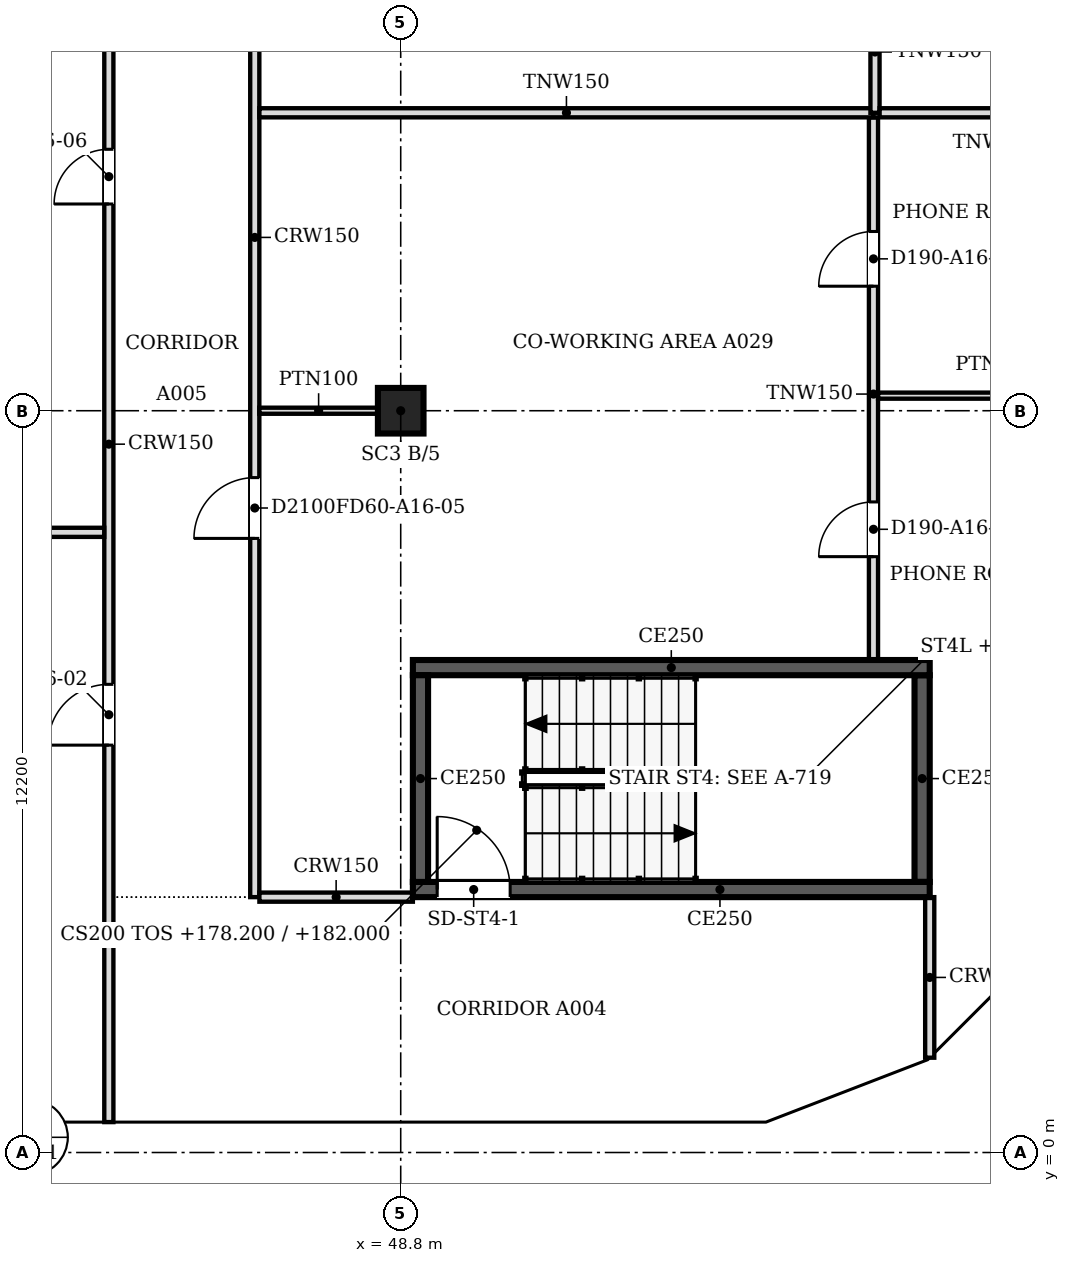
"""IFC4 building model, lengths in metres.
Left out: names, types, materials, properties, quantities, classifications, styles, units other than length and angle.
Written with IfcOpenShell. Run it as: python <this file> out.ifc"""

import sys

from ifc_helpers import new_model, si_unit, direction, frame, frame_2d, origin, origin_2d, place, context, subcontext, project, spatial, polyline, rectangle, outline, extrude, faceted_brep, source, transform, mapped, element, fill, save


model = new_model("IFC4")
c1 = context("Model", 3, precision=1e-05, world=origin(), true_north=direction((0.0, 1.0)))
c2 = subcontext(c1, "Body", "Model", "MODEL_VIEW")
j1 = project(units=[si_unit("LENGTHUNIT", "METRE"), si_unit("PLANEANGLEUNIT", "RADIAN")], contexts=[c1])
p1 = place(None, origin())
s1 = spatial("IfcSite", under=j1, at=p1, CompositionType="ELEMENT")
p2 = place(p1, origin())
s2 = spatial("IfcBuilding", under=s1, at=p2, CompositionType="ELEMENT")
p3 = place(p2, frame((0.0, 0.0, 178.2)))
s3 = spatial("IfcBuildingStorey", under=s2, at=p3, CompositionType="ELEMENT", Elevation=178.2)
p4 = place(p3, frame((48.8, 12.2, 0.0), z_axis=(0.0, 0.0, 1.0), x_axis=(1.0, 0.0, 0.0)))
e1 = element("IfcColumn", 1, at=p4, inside=s3, PredefinedType="COLUMN", context=c2, shape_type="SweptSolid", body=[
    extrude(rectangle(XDim=0.75, YDim=0.75, at=origin_2d()), origin(), (0.0, 0.0, 1.0), 3.6),
])
m1 = source(origin(), c2, "Body", "SweptSolid", [
    extrude(outline(polyline([(3.05, 0.0), (6.1, 3.8), (3.05, 7.6), (0.0, 3.8), (3.05, 0.0)])), frame((0.0, 0.25, 0.0), z_axis=(0.0, -1.0, 0.0), x_axis=(1.0, 0.0, 0.0)), (0.0, 0.0, 1.0), 0.5),
])
p5 = place(p3, frame((39.65, 0.25, -3.8), z_axis=(0.0, 0.0, 1.0), x_axis=(1.0, 0.0, 0.0)))
e2 = element("IfcWall", 2, at=p5, inside=s3, PredefinedType="SOLIDWALL", context=c2, shape_type="MappedRepresentation", body=[
    mapped(m1, transform((0.0, 0.0, 0.0), scale=1.0)),
])
m2 = source(origin(), c2, "Body", "SweptSolid", [
    extrude(outline(polyline([(3.05, 0.399), (5.78, 3.8), (3.05, 7.201), (0.321, 3.8), (3.05, 0.399)])), frame((0.0, 0.26, 0.0), z_axis=(0.0, -1.0, 0.0), x_axis=(1.0, 0.0, 0.0)), (0.0, 0.0, 1.0), 0.52),
])
p6 = place(p5, origin())
e3 = element("IfcOpeningElement", 3, at=p6, cuts=e2, PredefinedType="OPENING", context=c2, shape_type="MappedRepresentation", body=[
    mapped(m2, transform((0.0, 0.0, 0.0), scale=1.0)),
])
p7 = place(p3, frame((45.75, 0.25, -3.8), z_axis=(0.0, 0.0, 1.0), x_axis=(1.0, 0.0, 0.0)))
e4 = element("IfcWall", 4, at=p7, inside=s3, PredefinedType="SOLIDWALL", context=c2, shape_type="MappedRepresentation", body=[
    mapped(m1, transform((0.0, 0.0, 0.0), scale=1.0)),
])
p8 = place(p7, origin())
e5 = element("IfcOpeningElement", 5, at=p8, cuts=e4, PredefinedType="OPENING", context=c2, shape_type="MappedRepresentation", body=[
    mapped(m2, transform((0.0, 0.0, 0.0), scale=1.0)),
])
m3 = source(origin(), c2, "Body", "Brep", [
    faceted_brep([(3.003, -0.25, 0.0), (3.05, -0.25, 0.06), (3.05, -0.25, 7.54), (3.003, -0.25, 7.6), (0.0, -0.25, 3.8), (0.0, 0.25, 3.8), (2.957, 0.25, 7.541), (2.957, 0.25, 0.059), (3.003, 0.0, 0.0), (3.003, 0.0, 7.6)], [[[0, 1, 2, 3, 4]], [[5, 6, 7]], [[1, 0, 8]], [[9, 3, 2]], [[6, 5, 4, 3, 9]], [[5, 7, 8, 0, 4]], [[1, 8, 7, 6, 9, 2]]]),
])
p9 = place(p3, frame((51.85, 0.25, -3.8), z_axis=(0.0, 0.0, 1.0), x_axis=(1.0, 0.0, 0.0)))
e6 = element("IfcWall", 6, at=p9, inside=s3, PredefinedType="SOLIDWALL", context=c2, shape_type="MappedRepresentation", body=[
    mapped(m3, transform((0.0, 0.0, 0.0), scale=1.0)),
])
m4 = source(origin(), c2, "Body", "SweptSolid", [
    extrude(outline(polyline([(2.803, 6.944), (0.319, 3.8), (2.803, 0.656), (2.803, 6.944)])), frame((0.0, 0.26, 0.0), z_axis=(0.0, -1.0, 0.0), x_axis=(1.0, 0.0, 0.0)), (0.0, 0.0, 1.0), 0.52),
])
p10 = place(p9, origin())
e7 = element("IfcOpeningElement", 7, at=p10, cuts=e6, PredefinedType="OPENING", context=c2, shape_type="MappedRepresentation", body=[
    mapped(m4, transform((0.0, 0.0, 0.0), scale=1.0)),
])
m5 = source(origin(), c2, "Body", "Brep", [
    faceted_brep([(0.047, -0.25, 0.0), (2.997, -0.25, 3.8), (0.047, -0.25, 7.6), (0.0, -0.25, 7.541), (0.0, -0.25, 0.059), (0.093, 0.25, 7.54), (2.944, 0.25, 3.868), (2.944, 0.25, 3.732), (0.093, 0.25, 0.06), (2.997, 0.0, 3.8), (0.047, 0.0, 0.0), (0.047, 0.0, 7.6)], [[[0, 1, 2, 3, 4]], [[5, 6, 7, 8]], [[8, 7, 9, 1, 0, 10]], [[6, 5, 11, 2, 1, 9]], [[3, 2, 11]], [[10, 0, 4]], [[8, 10, 4, 3, 11, 5]], [[9, 7, 6]]]),
])
p11 = place(p3, frame((54.81, 0.233, -3.8), z_axis=(0.0, 0.0, 1.0), x_axis=(0.932990326376, 0.359901446078, 0.0)))
e8 = element("IfcWall", 8, at=p11, inside=s3, PredefinedType="SOLIDWALL", context=c2, shape_type="MappedRepresentation", body=[
    mapped(m5, transform((0.0, 0.0, 0.0), scale=1.0)),
])
m6 = source(origin(), c2, "Body", "SweptSolid", [
    extrude(outline(polyline([(0.247, 0.665), (2.681, 3.8), (0.247, 6.935), (0.247, 0.665)])), frame((0.0, 0.26, 0.0), z_axis=(0.0, -1.0, 0.0), x_axis=(1.0, 0.0, 0.0)), (0.0, 0.0, 1.0), 0.52),
])
p12 = place(p11, origin())
e9 = element("IfcOpeningElement", 9, at=p12, cuts=e8, PredefinedType="OPENING", context=c2, shape_type="MappedRepresentation", body=[
    mapped(m6, transform((0.0, 0.0, 0.0), scale=1.0)),
])
m7 = source(origin(), c2, "Body", "Brep", [
    faceted_brep([(2.944, -0.25, 0.0), (2.997, -0.25, 0.068), (2.997, -0.25, 7.532), (2.944, -0.25, 7.6), (0.0, -0.25, 3.8), (0.053, 0.25, 3.868), (2.891, 0.25, 7.532), (2.891, 0.25, 0.068), (0.053, 0.25, 3.732), (2.944, 0.0, 0.0), (2.944, 0.0, 7.6), (0.0, 0.0, 3.8)], [[[0, 1, 2, 3, 4]], [[5, 6, 7, 8]], [[1, 0, 9]], [[10, 3, 2]], [[6, 5, 11, 4, 3, 10]], [[8, 7, 9, 0, 4, 11]], [[8, 11, 5]], [[1, 9, 7, 6, 10, 2]]]),
])
p13 = place(p3, frame((57.606, 1.312, -3.8), z_axis=(0.0, 0.0, 1.0), x_axis=(0.707147509625, 0.707066050402, 0.0)))
e10 = element("IfcWall", 10, at=p13, inside=s3, PredefinedType="SOLIDWALL", context=c2, shape_type="MappedRepresentation", body=[
    mapped(m7, transform((0.0, 0.0, 0.0), scale=1.0)),
])
m8 = source(origin(), c2, "Body", "SweptSolid", [
    extrude(outline(polyline([(2.744, 6.934), (0.316, 3.8), (2.744, 0.667), (2.744, 6.934)])), frame((0.0, 0.26, 0.0), z_axis=(0.0, -1.0, 0.0), x_axis=(1.0, 0.0, 0.0)), (0.0, 0.0, 1.0), 0.52),
])
p14 = place(p13, origin())
e11 = element("IfcOpeningElement", 11, at=p14, cuts=e10, PredefinedType="OPENING", context=c2, shape_type="MappedRepresentation", body=[
    mapped(m8, transform((0.0, 0.0, 0.0), scale=1.0)),
])
p15 = place(p2, frame((0.0, 0.0, 182.0)))
s4 = spatial("IfcBuildingStorey", under=s2, at=p15, CompositionType="ELEMENT", Elevation=182.0)
p16 = place(p15, frame((42.7, 0.25, -3.8), z_axis=(0.0, 0.0, 1.0), x_axis=(1.0, 0.0, 0.0)))
e12 = element("IfcWall", 12, at=p16, inside=s4, PredefinedType="SOLIDWALL", context=c2, shape_type="MappedRepresentation", body=[
    mapped(m1, transform((0.0, 0.0, 0.0), scale=1.0)),
])
p17 = place(p16, origin())
e13 = element("IfcOpeningElement", 13, at=p17, cuts=e12, PredefinedType="OPENING", context=c2, shape_type="MappedRepresentation", body=[
    mapped(m2, transform((0.0, 0.0, 0.0), scale=1.0)),
])
m9 = source(origin(), c2, "Body", "Brep", [
    faceted_brep([(3.05, -0.25, 0.0), (6.053, -0.25, 3.8), (3.05, -0.25, 7.6), (0.0, -0.25, 3.8), (0.0, 0.25, 3.8), (3.05, 0.25, 7.6), (6.007, 0.25, 3.859), (6.007, 0.25, 3.741), (3.05, 0.25, 0.0), (6.053, 0.0, 3.8)], [[[0, 1, 2, 3]], [[4, 5, 6, 7, 8]], [[8, 7, 9, 1, 0]], [[6, 5, 2, 1, 9]], [[5, 4, 3, 2]], [[4, 8, 0, 3]], [[9, 7, 6]]]),
])
p18 = place(p15, frame((48.8, 0.25, -3.8), z_axis=(0.0, 0.0, 1.0), x_axis=(1.0, 0.0, 0.0)))
e14 = element("IfcWall", 14, at=p18, inside=s4, PredefinedType="SOLIDWALL", context=c2, shape_type="MappedRepresentation", body=[
    mapped(m9, transform((0.0, 0.0, 0.0), scale=1.0)),
])
m10 = source(origin(), c2, "Body", "SweptSolid", [
    extrude(outline(polyline([(3.049, 0.401), (5.735, 3.8), (3.049, 7.199), (0.321, 3.8), (3.049, 0.401)])), frame((0.0, 0.26, 0.0), z_axis=(0.0, -1.0, 0.0), x_axis=(1.0, 0.0, 0.0)), (0.0, 0.0, 1.0), 0.52),
])
p19 = place(p18, origin())
e15 = element("IfcOpeningElement", 15, at=p19, cuts=e14, PredefinedType="OPENING", context=c2, shape_type="MappedRepresentation", body=[
    mapped(m10, transform((0.0, 0.0, 0.0), scale=1.0)),
])
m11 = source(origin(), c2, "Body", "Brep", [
□ □ □ □ □ □ □
## WHAT THE EXERCISE ASKS
Copy only the lines in the listing that contain "import".

## THE ANSWER
import sys
from ifc_helpers import new_model, si_unit, direction, frame, frame_2d, origin, origin_2d, place, context, subcontext, project, spatial, polyline, rectangle, outline, extrude, faceted_brep, source, transform, mapped, element, fill, save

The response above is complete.